(The task):
The records below hold a stretch from the line with "line L3 (-170.6, 95.1) -> (-167.4, 95.1)" through the line with "line L33 (167.4, 5.1) -> (167.4, -5.1)"; return exactly those lines, ends included, and nothing more.

(Task inputs):
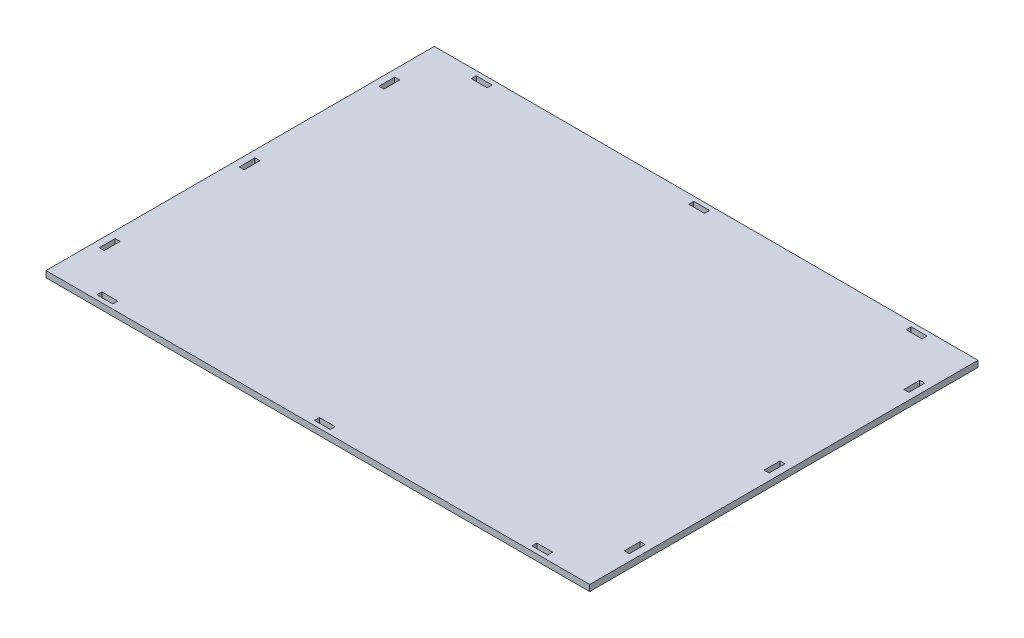
SolidWorks part; units mm, degrees
ref_plane "Front Plane" through (0, 0, 0) normal (0, 0, 1) x (1, 0, 0)
ref_plane "Top Plane" through (0, 0, 0) normal (0, 1, 0) x (1, 0, 0)
ref_plane "Right Plane" through (0, 0, 0) normal (1, 0, 0) x (0, 0, -1)
sketch "Sketch1" plane through (0, 0, 0) normal (0, 1, 0) x (1, 0, 0)
  line L1 (-175, -125) -> (175, -125)
  line L2 (-175, -125) -> (-175, 125)
  line L3 (-175, 125) -> (175, 125)
  line L4 (175, -125) -> (175, 125)
  line L5 (-175, -125) -> (175, 125) construction
  line L6 (-175, 125) -> (175, -125) construction
  point P0 (0, 0)
  dimension "D1" = 350
  dimension "D2" = 250
extrude "Boss-Extrude1" add sketch "Sketch1" along normal blind 4
sketch "Sketch2" plane through (0, 4, 0) normal (0, 1, 0) x (1, 0, 0)
  line L0 (-169, -939.6968) -> (-169, 49060.3032) construction
  line L1 (-175, 125) -> (-175, -125) construction
  line L2 (175, 125) -> (-175, 125) construction
  line L3 (-170.6, 95.1) -> (-167.4, 95.1)
  line L4 (-170.6, 95.1) -> (-170.6, 84.9)
  line L5 (-170.6, 84.9) -> (-167.4, 84.9)
  line L6 (-167.4, 95.1) -> (-167.4, 84.9)
  line L7 (-170.6, 95.1) -> (-167.4, 84.9) construction
  line L8 (-170.6, 84.9) -> (-167.4, 95.1) construction
  line L9 (-170.6, 5.1) -> (-167.4, 5.1)
  line L10 (-170.6, 5.1) -> (-170.6, -5.1)
  line L11 (-170.6, -5.1) -> (-167.4, -5.1)
  line L12 (-167.4, 5.1) -> (-167.4, -5.1)
  line L13 (-170.6, 5.1) -> (-167.4, -5.1) construction
  line L14 (-170.6, -5.1) -> (-167.4, 5.1) construction
  line L15 (-170.6, -84.9) -> (-167.4, -84.9)
  line L16 (-170.6, -84.9) -> (-170.6, -95.1)
  line L17 (-170.6, -95.1) -> (-167.4, -95.1)
  line L18 (-167.4, -84.9) -> (-167.4, -95.1)
  line L19 (-170.6, -84.9) -> (-167.4, -95.1) construction
  line L20 (-170.6, -95.1) -> (-167.4, -84.9) construction
  line L21 (-175, -125) -> (175, -125) construction
  line L22 (0, -1000) -> (0, 49000) construction
  line L23 (170.6, -95.1) -> (167.4, -84.9) construction
  line L24 (170.6, -84.9) -> (167.4, -95.1) construction
  line L25 (170.6, -5.1) -> (167.4, 5.1) construction
  line L26 (170.6, 5.1) -> (167.4, -5.1) construction
  line L27 (170.6, 84.9) -> (167.4, 95.1) construction
  line L28 (170.6, 95.1) -> (167.4, 84.9) construction
  line L29 (167.4, -84.9) -> (167.4, -95.1)
  line L30 (170.6, -95.1) -> (167.4, -95.1)
  line L31 (170.6, -84.9) -> (170.6, -95.1)
  line L32 (170.6, -84.9) -> (167.4, -84.9)
  line L33 (167.4, 5.1) -> (167.4, -5.1)
  line L34 (170.6, -5.1) -> (167.4, -5.1)
  line L35 (170.6, 5.1) -> (170.6, -5.1)
  line L36 (170.6, 5.1) -> (167.4, 5.1)
  line L37 (167.4, 95.1) -> (167.4, 84.9)
  line L38 (170.6, 84.9) -> (167.4, 84.9)
  line L39 (170.6, 95.1) -> (170.6, 84.9)
  line L40 (170.6, 95.1) -> (167.4, 95.1)
  point P4 (-169, 90)
  point P9 (-169, 0)
  point P14 (-169, -90)
  point P38 (169, -90)
  point P39 (169, 0)
  point P40 (169, 90)
  dimension "D1" = 6
  dimension "D2" = 10.2
  dimension "D3" = 3.2
  dimension "D4" = 29.9
  dimension "D5" = 10.2
  dimension "D6" = 3.2
  dimension "D7" = 10.2
  dimension "D8" = 3.2
  dimension "D9" = 29.9
extrude "Cut-Extrude1" cut sketch "Sketch2" against normal through all
sketch "Sketch3" plane through (0, 4, 0) normal (0, 1, 0) x (1, 0, 0)
  line L0 (-1011.3967, 120.5) -> (48988.6033, 120.5) construction
  line L1 (-1000, 0) -> (49000, 0) construction
  line L2 (175, 125) -> (-175, 125) construction
  line L3 (-175, 125) -> (-175, -125) construction
  line L4 (-5.1, 122.1) -> (5.1, 122.1)
  line L5 (-5.1, 122.1) -> (-5.1, 118.9)
  line L6 (-5.1, 118.9) -> (5.1, 118.9)
  line L7 (5.1, 122.1) -> (5.1, 118.9)
  line L8 (-5.1, 122.1) -> (5.1, 118.9) construction
  line L9 (-5.1, 118.9) -> (5.1, 122.1) construction
  line L10 (134.9, 122.1) -> (145.1, 122.1)
  line L11 (134.9, 122.1) -> (134.9, 118.9)
  line L12 (134.9, 118.9) -> (145.1, 118.9)
  line L13 (145.1, 122.1) -> (145.1, 118.9)
  line L14 (134.9, 122.1) -> (145.1, 118.9) construction
  line L15 (134.9, 118.9) -> (145.1, 122.1) construction
  line L16 (-145.1, 122.1) -> (-134.9, 122.1)
  line L17 (-145.1, 122.1) -> (-145.1, 118.9)
  line L18 (-145.1, 118.9) -> (-134.9, 118.9)
  line L19 (-134.9, 122.1) -> (-134.9, 118.9)
  line L20 (-145.1, 122.1) -> (-134.9, 118.9) construction
  line L21 (-145.1, 118.9) -> (-134.9, 122.1) construction
  line L22 (175, -125) -> (175, 125) construction
  line L23 (-145.1, -118.9) -> (-134.9, -122.1) construction
  line L24 (-145.1, -122.1) -> (-134.9, -118.9) construction
  line L25 (134.9, -118.9) -> (145.1, -122.1) construction
  line L26 (134.9, -122.1) -> (145.1, -118.9) construction
  line L27 (-5.1, -118.9) -> (5.1, -122.1) construction
  line L28 (-5.1, -122.1) -> (5.1, -118.9) construction
  line L29 (-134.9, -122.1) -> (-134.9, -118.9)
  line L30 (-145.1, -118.9) -> (-134.9, -118.9)
  line L31 (-145.1, -122.1) -> (-145.1, -118.9)
  line L32 (-145.1, -122.1) -> (-134.9, -122.1)
  line L33 (145.1, -122.1) -> (145.1, -118.9)
  line L34 (134.9, -118.9) -> (145.1, -118.9)
  line L35 (134.9, -122.1) -> (134.9, -118.9)
  line L36 (134.9, -122.1) -> (145.1, -122.1)
  line L37 (5.1, -122.1) -> (5.1, -118.9)
  line L38 (-5.1, -118.9) -> (5.1, -118.9)
  line L39 (-5.1, -122.1) -> (-5.1, -118.9)
  line L40 (-5.1, -122.1) -> (5.1, -122.1)
  point P7 (0, 120.5)
  point P12 (140, 120.5)
  point P17 (-140, 120.5)
  point P38 (-140, -120.5)
  point P39 (140, -120.5)
  point P40 (0, -120.5)
  dimension "D1" = 4.5
  dimension "D2" = 10.2
  dimension "D3" = 3.2
  dimension "D4" = 10.2
  dimension "D5" = 3.2
  dimension "D6" = 10.2
  dimension "D7" = 3.2
  dimension "D8" = 29.9
  dimension "D9" = 29.9
extrude "Cut-Extrude2" cut sketch "Sketch3" against normal through all

(Answer):
  line L3 (-170.6, 95.1) -> (-167.4, 95.1)
  line L4 (-170.6, 95.1) -> (-170.6, 84.9)
  line L5 (-170.6, 84.9) -> (-167.4, 84.9)
  line L6 (-167.4, 95.1) -> (-167.4, 84.9)
  line L7 (-170.6, 95.1) -> (-167.4, 84.9) construction
  line L8 (-170.6, 84.9) -> (-167.4, 95.1) construction
  line L9 (-170.6, 5.1) -> (-167.4, 5.1)
  line L10 (-170.6, 5.1) -> (-170.6, -5.1)
  line L11 (-170.6, -5.1) -> (-167.4, -5.1)
  line L12 (-167.4, 5.1) -> (-167.4, -5.1)
  line L13 (-170.6, 5.1) -> (-167.4, -5.1) construction
  line L14 (-170.6, -5.1) -> (-167.4, 5.1) construction
  line L15 (-170.6, -84.9) -> (-167.4, -84.9)
  line L16 (-170.6, -84.9) -> (-170.6, -95.1)
  line L17 (-170.6, -95.1) -> (-167.4, -95.1)
  line L18 (-167.4, -84.9) -> (-167.4, -95.1)
  line L19 (-170.6, -84.9) -> (-167.4, -95.1) construction
  line L20 (-170.6, -95.1) -> (-167.4, -84.9) construction
  line L21 (-175, -125) -> (175, -125) construction
  line L22 (0, -1000) -> (0, 49000) construction
  line L23 (170.6, -95.1) -> (167.4, -84.9) construction
  line L24 (170.6, -84.9) -> (167.4, -95.1) construction
  line L25 (170.6, -5.1) -> (167.4, 5.1) construction
  line L26 (170.6, 5.1) -> (167.4, -5.1) construction
  line L27 (170.6, 84.9) -> (167.4, 95.1) construction
  line L28 (170.6, 95.1) -> (167.4, 84.9) construction
  line L29 (167.4, -84.9) -> (167.4, -95.1)
  line L30 (170.6, -95.1) -> (167.4, -95.1)
  line L31 (170.6, -84.9) -> (170.6, -95.1)
  line L32 (170.6, -84.9) -> (167.4, -84.9)
  line L33 (167.4, 5.1) -> (167.4, -5.1)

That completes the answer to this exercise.